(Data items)

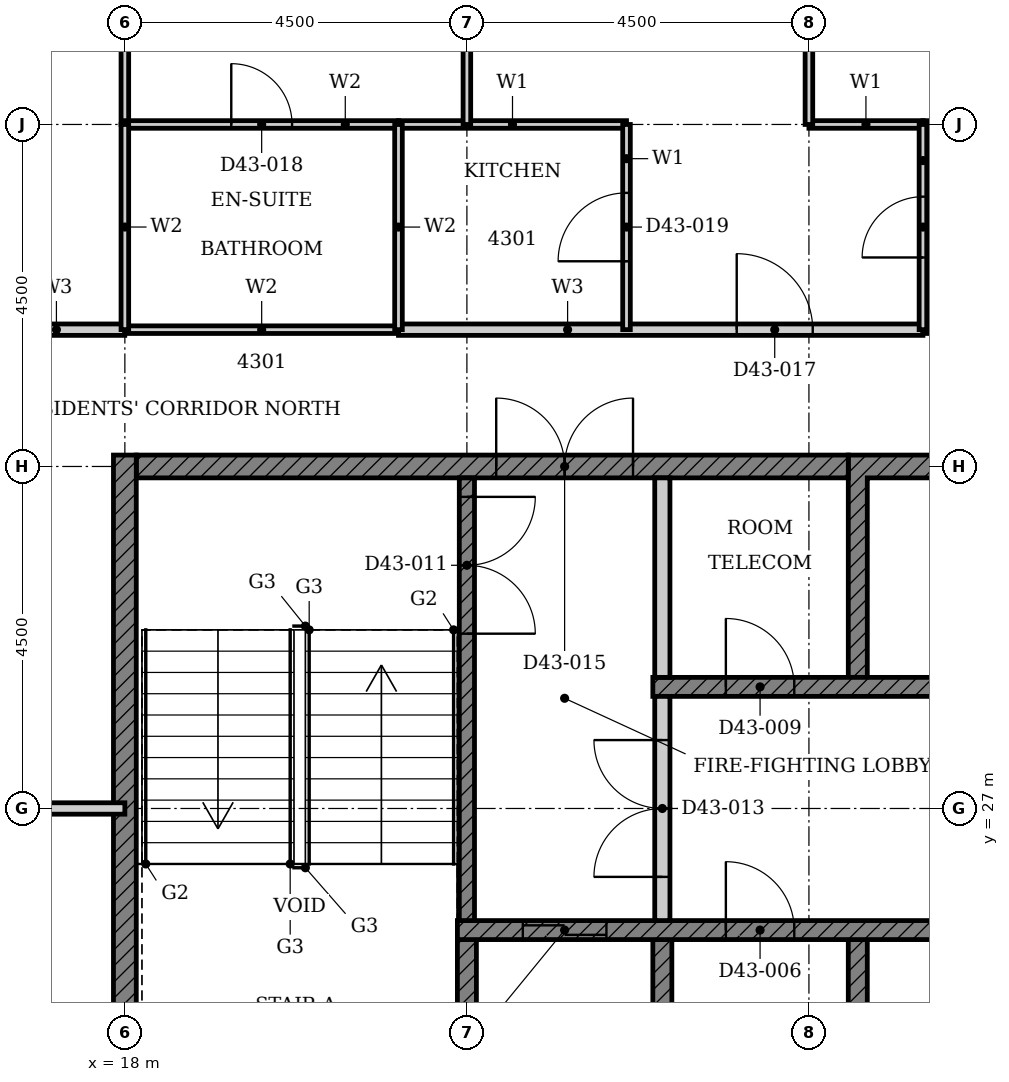
"""IFC4 building model, lengths in metres.
Left out: names, types, materials, properties, quantities, classifications, styles, units other than length and angle.
Written with IfcOpenShell. Run it as: python <this file> out.ifc"""

import sys

from ifc_helpers import new_model, si_unit, direction, frame, frame_2d, origin, place, context, subcontext, project, spatial, polyline, rectangle, outline, extrude, element, fill, save


model = new_model("IFC4")
c1 = context("Model", 3, precision=1e-05, world=origin(), true_north=direction((0.0, 1.0)))
c2 = subcontext(c1, "Body", "Model", "MODEL_VIEW")
j1 = project(units=[si_unit("LENGTHUNIT", "METRE"), si_unit("PLANEANGLEUNIT", "RADIAN")], contexts=[c1])
p1 = place(None, origin())
s1 = spatial("IfcSite", under=j1, at=p1, CompositionType="ELEMENT")
p2 = place(p1, origin())
s2 = spatial("IfcBuilding", under=s1, at=p2, CompositionType="ELEMENT")
p3 = place(p2, frame((0.0, 0.0, 172.8)))
s3 = spatial("IfcBuildingStorey", under=s2, at=p3, CompositionType="ELEMENT", Elevation=172.8)
p4 = place(p3, origin())
e1 = element("IfcWall", 1, at=p4, inside=s3, PredefinedType="SHEAR", context=c2, shape_type="SweptSolid", body=[
    extrude(outline(polyline([(22.375, 22.35), (25.197, 22.35), (25.197, 25.275), (24.947, 25.275), (24.947, 22.65), (22.625, 22.65), (22.625, 25.275), (22.375, 25.275), (22.375, 22.35)])), origin(), (0.0, 0.0, 1.0), 3.4),
])
p5 = place(p3, origin())
e2 = element("IfcWall", 2, at=p5, inside=s3, PredefinedType="SHEAR", context=c2, shape_type="SweptSolid", body=[
    extrude(outline(polyline([(27.518, 22.35), (32.911, 22.35), (32.911, 25.275), (32.661, 25.275), (32.661, 22.65), (30.339, 22.65), (30.339, 25.275), (30.089, 25.275), (30.089, 22.65), (27.768, 22.65), (27.768, 25.275), (27.518, 25.275), (27.518, 22.35)])), origin(), (0.0, 0.0, 1.0), 3.4),
])
p6 = place(p3, origin())
e3 = element("IfcWall", 3, at=p6, inside=s3, PredefinedType="SHEAR", context=c2, shape_type="SweptSolid", body=[
    extrude(outline(polyline([(27.518, 28.725), (27.768, 28.725), (27.768, 31.35), (30.089, 31.35), (30.089, 28.725), (30.339, 28.725), (30.339, 31.35), (32.661, 31.35), (32.661, 28.725), (32.911, 28.725), (32.911, 31.65), (27.518, 31.65), (27.518, 28.725)])), origin(), (0.0, 0.0, 1.0), 3.4),
])
p7 = place(p3, frame((18.15, 31.5, 0.0), z_axis=(0.0, 0.0, 1.0), x_axis=(1.0, 0.0, 0.0)))
e4 = element("IfcWall", 4, at=p7, inside=s3, PredefinedType="SHEAR", context=c2, shape_type="SweptSolid", body=[
    extrude(rectangle(XDim=9.368, YDim=0.3, at=frame_2d((4.684, 0.0))), origin(), (0.0, 0.0, 1.0), 3.4),
])
p8 = place(p7, frame((4.736, 0.0, 0.0)))
e5 = element("IfcOpeningElement", 5, at=p8, cuts=e4, PredefinedType="OPENING", context=c2, shape_type="SweptSolid", body=[
    extrude(rectangle(XDim=1.8, YDim=2.1, at=frame_2d((0.9, 1.05))), frame((0.0, 0.16, 0.0), z_axis=(0.0, -1.0, 0.0), x_axis=(1.0, 0.0, 0.0)), (0.0, 0.0, 1.0), 0.32),
])
p9 = place(p3, frame((18.0, 22.35, 0.0), z_axis=(0.0, 0.0, 1.0), x_axis=(0.0, 1.0, 0.0)))
e6 = element("IfcWall", 6, at=p9, inside=s3, PredefinedType="SHEAR", context=c2, shape_type="SweptSolid", body=[
    extrude(rectangle(XDim=9.3, YDim=0.3, at=frame_2d((4.65, 0.0))), origin(), (0.0, 0.0, 1.0), 3.4),
])
p10 = place(p3, frame((22.375, 25.4, 0.0), z_axis=(0.0, 0.0, 1.0), x_axis=(1.0, 0.0, 0.0)))
e7 = element("IfcWall", 7, at=p10, inside=s3, PredefinedType="SHEAR", context=c2, shape_type="SweptSolid", body=[
    extrude(rectangle(XDim=15.678, YDim=0.25, at=frame_2d((7.839, 0.0))), origin(), (0.0, 0.0, 1.0), 3.4),
])
p11 = place(p10, frame((8.575, 0.0, 0.0)))
e8 = element("IfcOpeningElement", 8, at=p11, cuts=e7, PredefinedType="OPENING", context=c2, shape_type="SweptSolid", body=[
    extrude(rectangle(XDim=1.1, YDim=2.1, at=frame_2d((0.55, 1.05))), frame((0.0, 0.135, 0.0), z_axis=(0.0, -1.0, 0.0), x_axis=(1.0, 0.0, 0.0)), (0.0, 0.0, 1.0), 0.27),
])
p12 = place(p10, frame((0.861, 0.0, 0.0)))
e9 = element("IfcOpeningElement", 9, at=p12, cuts=e7, PredefinedType="OPENING", context=c2, shape_type="SweptSolid", body=[
    extrude(rectangle(XDim=1.1, YDim=2.1, at=frame_2d((0.55, 1.05))), frame((0.0, 0.135, 0.0), z_axis=(0.0, -1.0, 0.0), x_axis=(1.0, 0.0, 0.0)), (0.0, 0.0, 1.0), 0.27),
])
p13 = place(p10, frame((3.532, 0.0, 0.0)))
e10 = element("IfcOpeningElement", 10, at=p13, cuts=e7, PredefinedType="OPENING", context=c2, shape_type="SweptSolid", body=[
    extrude(rectangle(XDim=0.9, YDim=2.1, at=frame_2d((0.45, 1.05))), frame((0.0, 0.135, 0.0), z_axis=(0.0, -1.0, 0.0), x_axis=(1.0, 0.0, 0.0)), (0.0, 0.0, 1.0), 0.27),
])
p14 = place(p10, frame((11.246, 0.0, 0.0)))
e11 = element("IfcOpeningElement", 11, at=p14, cuts=e7, PredefinedType="OPENING", context=c2, shape_type="SweptSolid", body=[
    extrude(rectangle(XDim=0.9, YDim=2.1, at=frame_2d((0.45, 1.05))), frame((0.0, 0.135, 0.0), z_axis=(0.0, -1.0, 0.0), x_axis=(1.0, 0.0, 0.0)), (0.0, 0.0, 1.0), 0.27),
])
p15 = place(p10, frame((13.818, 0.0, 0.0)))
e12 = element("IfcOpeningElement", 12, at=p15, cuts=e7, PredefinedType="OPENING", context=c2, shape_type="SweptSolid", body=[
    extrude(rectangle(XDim=0.9, YDim=2.1, at=frame_2d((0.45, 1.05))), frame((0.0, 0.135, 0.0), z_axis=(0.0, -1.0, 0.0), x_axis=(1.0, 0.0, 0.0)), (0.0, 0.0, 1.0), 0.27),
])
p16 = place(p3, frame((24.947, 28.6, 0.0), z_axis=(0.0, 0.0, 1.0), x_axis=(1.0, 0.0, 0.0)))
e13 = element("IfcWall", 13, at=p16, inside=s3, PredefinedType="SHEAR", context=c2, shape_type="SweptSolid", body=[
    extrude(rectangle(XDim=15.678, YDim=0.25, at=frame_2d((7.839, 0.0))), origin(), (0.0, 0.0, 1.0), 3.4),
])
p17 = place(p16, frame((6.004, 0.0, 0.0)))
e14 = element("IfcOpeningElement", 14, at=p17, cuts=e13, PredefinedType="OPENING", context=c2, shape_type="SweptSolid", body=[
    extrude(rectangle(XDim=1.1, YDim=2.1, at=frame_2d((0.55, 1.05))), frame((0.0, 0.135, 0.0), z_axis=(0.0, -1.0, 0.0), x_axis=(1.0, 0.0, 0.0)), (0.0, 0.0, 1.0), 0.27),
])
p18 = place(p16, frame((11.146, 0.0, 0.0)))
e15 = element("IfcOpeningElement", 15, at=p18, cuts=e13, PredefinedType="OPENING", context=c2, shape_type="SweptSolid", body=[
    extrude(rectangle(XDim=1.1, YDim=2.1, at=frame_2d((0.55, 1.05))), frame((0.0, 0.135, 0.0), z_axis=(0.0, -1.0, 0.0), x_axis=(1.0, 0.0, 0.0)), (0.0, 0.0, 1.0), 0.27),
])
p19 = place(p16, frame((13.718, 0.0, 0.0)))
e16 = element("IfcOpeningElement", 16, at=p19, cuts=e13, PredefinedType="OPENING", context=c2, shape_type="SweptSolid", body=[
    extrude(rectangle(XDim=1.1, YDim=2.1, at=frame_2d((0.55, 1.05))), frame((0.0, 0.135, 0.0), z_axis=(0.0, -1.0, 0.0), x_axis=(1.0, 0.0, 0.0)), (0.0, 0.0, 1.0), 0.27),
])
p20 = place(p16, frame((0.961, 0.0, 0.0)))
e17 = element("IfcOpeningElement", 17, at=p20, cuts=e13, PredefinedType="OPENING", context=c2, shape_type="SweptSolid", body=[
    extrude(rectangle(XDim=0.9, YDim=2.1, at=frame_2d((0.45, 1.05))), frame((0.0, 0.135, 0.0), z_axis=(0.0, -1.0, 0.0), x_axis=(1.0, 0.0, 0.0)), (0.0, 0.0, 1.0), 0.27),
])
p21 = place(p16, frame((8.675, 0.0, 0.0)))
e18 = element("IfcOpeningElement", 18, at=p21, cuts=e13, PredefinedType="OPENING", context=c2, shape_type="SweptSolid", body=[
    extrude(rectangle(XDim=0.9, YDim=2.1, at=frame_2d((0.45, 1.05))), frame((0.0, 0.135, 0.0), z_axis=(0.0, -1.0, 0.0), x_axis=(1.0, 0.0, 0.0)), (0.0, 0.0, 1.0), 0.27),
])
p22 = place(p3, frame((25.072, 28.725, 0.0), z_axis=(0.0, 0.0, 1.0), x_axis=(0.0, 1.0, 0.0)))
e19 = element("IfcWall", 19, at=p22, inside=s3, PredefinedType="PARTITIONING", context=c2, shape_type="SweptSolid", body=[
    extrude(rectangle(XDim=2.625, YDim=0.2, at=frame_2d((1.312, 0.0))), origin(), (0.0, 0.0, 1.0), 3.4),
])
p23 = place(p3, frame((22.5, 31.35, 0.0), z_axis=(0.0, 0.0, 1.0), x_axis=(0.0, -1.0, 0.0)))
e20 = element("IfcWall", 20, at=p23, inside=s3, PredefinedType="SHEAR", context=c2, shape_type="SweptSolid", body=[
    extrude(rectangle(XDim=5.825, YDim=0.2, at=frame_2d((2.913, 0.0))), origin(), (0.0, 0.0, 1.0), 3.4),
])
p24 = place(p23, frame((0.25, 0.0, 0.0)))
e21 = element("IfcOpeningElement", 21, at=p24, cuts=e20, PredefinedType="OPENING", context=c2, shape_type="SweptSolid", body=[
    extrude(rectangle(XDim=1.8, YDim=2.1, at=frame_2d((0.9, 1.05))), frame((0.0, 0.11, 0.0), z_axis=(0.0, -1.0, 0.0), x_axis=(1.0, 0.0, 0.0)), (0.0, 0.0, 1.0), 0.22),
])
p25 = place(p3, frame((25.072, 25.525, 0.0), z_axis=(0.0, 0.0, 1.0), x_axis=(0.0, 1.0, 0.0)))
e22 = element("IfcWall", 22, at=p25, inside=s3, PredefinedType="PARTITIONING", context=c2, shape_type="SweptSolid", body=[
    extrude(rectangle(XDim=2.95, YDim=0.2, at=frame_2d((1.475, 0.0))), origin(), (0.0, 0.0, 1.0), 3.4),
])
p26 = place(p25, frame((0.575, 0.0, 0.0)))
e23 = element("IfcOpeningElement", 23, at=p26, cuts=e22, PredefinedType="OPENING", context=c2, shape_type="SweptSolid", body=[
    extrude(rectangle(XDim=1.8, YDim=2.1, at=frame_2d((0.9, 1.05))), frame((0.0, 0.11, 0.0), z_axis=(0.0, -1.0, 0.0), x_axis=(1.0, 0.0, 0.0)), (0.0, 0.0, 1.0), 0.22),
])
p27 = place(p3, frame((4.5, 27.0, 0.0), z_axis=(0.0, 0.0, 1.0), x_axis=(1.0, 0.0, 0.0)))
e24 = element("IfcWall", 24, at=p27, inside=s3, PredefinedType="PARTITIONING", context=c2, shape_type="SweptSolid", body=[
    extrude(rectangle(XDim=13.5, YDim=0.15, at=frame_2d((6.75, 0.0))), origin(), (0.0, 0.0, 1.0), 2.68),
])
p28 = place(p27, frame((5.35, 0.0, 0.0)))
e25 = element("IfcOpeningElement", 25, at=p28, cuts=e24, PredefinedType="OPENING", context=c2, shape_type="SweptSolid", body=[
    extrude(rectangle(XDim=1.0, YDim=2.1, at=frame_2d((0.5, 1.05))), frame((0.0, 0.085, 0.0), z_axis=(0.0, -1.0, 0.0), x_axis=(1.0, 0.0, 0.0)), (0.0, 0.0, 1.0), 0.17),
])
p29 = place(p3, frame((21.6, 33.3, 0.0), z_axis=(0.0, 0.0, 1.0), x_axis=(1.0, 0.0, 0.0)))
e26 = element("IfcWall", 26, at=p29, inside=s3, PredefinedType="PARTITIONING", context=c2, shape_type="SweptSolid", body=[
    extrude(rectangle(XDim=6.9, YDim=0.15, at=frame_2d((3.45, 0.0))), origin(), (0.0, 0.0, 1.0), 3.4),
])
p30 = place(p29, frame((4.45, 0.0, 0.0)))
e27 = element("IfcOpeningElement", 27, at=p30, cuts=e26, PredefinedType="OPENING", context=c2, shape_type="SweptSolid", body=[
    extrude(rectangle(XDim=1.0, YDim=2.2, at=frame_2d((0.5, 1.1))), frame((0.0, 0.085, 0.0), z_axis=(0.0, -1.0, 0.0), x_axis=(1.0, 0.0, 0.0)), (0.0, 0.0, 1.0), 0.17),
])
p31 = place(p3, frame((16.2, 33.3, 0.0), z_axis=(0.0, 0.0, 1.0), x_axis=(1.0, 0.0, 0.0)))
e28 = element("IfcWall", 28, at=p31, inside=s3, PredefinedType="PARTITIONING", context=c2, shape_type="SweptSolid", body=[
    extrude(rectangle(XDim=1.799, YDim=0.15, at=frame_2d((0.899, 0.0))), origin(), (0.0, 0.0, 1.0), 3.4),
])
p32 = place(p3, frame((27.0, 36.0, 0.0), z_axis=(0.0, 0.0, 1.0), x_axis=(1.0, 0.0, 0.0)))
e29 = element("IfcWall", 29, at=p32, inside=s3, PredefinedType="PARTITIONING", context=c2, shape_type="SweptSolid", body=[
    extrude(rectangle(XDim=1.5, YDim=0.1, at=frame_2d((0.75, 0.0))), origin(), (0.0, 0.0, 1.0), 3.4),
])
p33 = place(p3, frame((21.6, 36.0, 0.0), z_axis=(0.0, 0.0, 1.0), x_axis=(1.0, 0.0, 0.0)))
e30 = element("IfcWall", 30, at=p33, inside=s3, PredefinedType="PARTITIONING", context=c2, shape_type="SweptSolid", body=[
    extrude(rectangle(XDim=3.0, YDim=0.1, at=frame_2d((1.5, 0.0))), origin(), (0.0, 0.0, 1.0), 3.4),
])
p34 = place(p3, frame((18.0, 36.0, 0.0), z_axis=(0.0, 0.0, 1.0), x_axis=(0.0, 1.0, 0.0)))
e31 = element("IfcWall", 31, at=p34, inside=s3, PredefinedType="PARTITIONING", context=c2, shape_type="SweptSolid", body=[
    extrude(rectangle(XDim=2.44, YDim=0.1, at=frame_2d((1.22, 0.0))), origin(), (0.0, 0.0, 1.0), 3.4),
])
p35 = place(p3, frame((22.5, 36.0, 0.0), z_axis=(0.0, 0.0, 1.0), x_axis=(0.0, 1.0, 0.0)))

**Exercise aim:**
Please go through the data and copy each line containing the word "under".

**Task solution:**
s1 = spatial("IfcSite", under=j1, at=p1, CompositionType="ELEMENT")
s2 = spatial("IfcBuilding", under=s1, at=p2, CompositionType="ELEMENT")
s3 = spatial("IfcBuildingStorey", under=s2, at=p3, CompositionType="ELEMENT", Elevation=172.8)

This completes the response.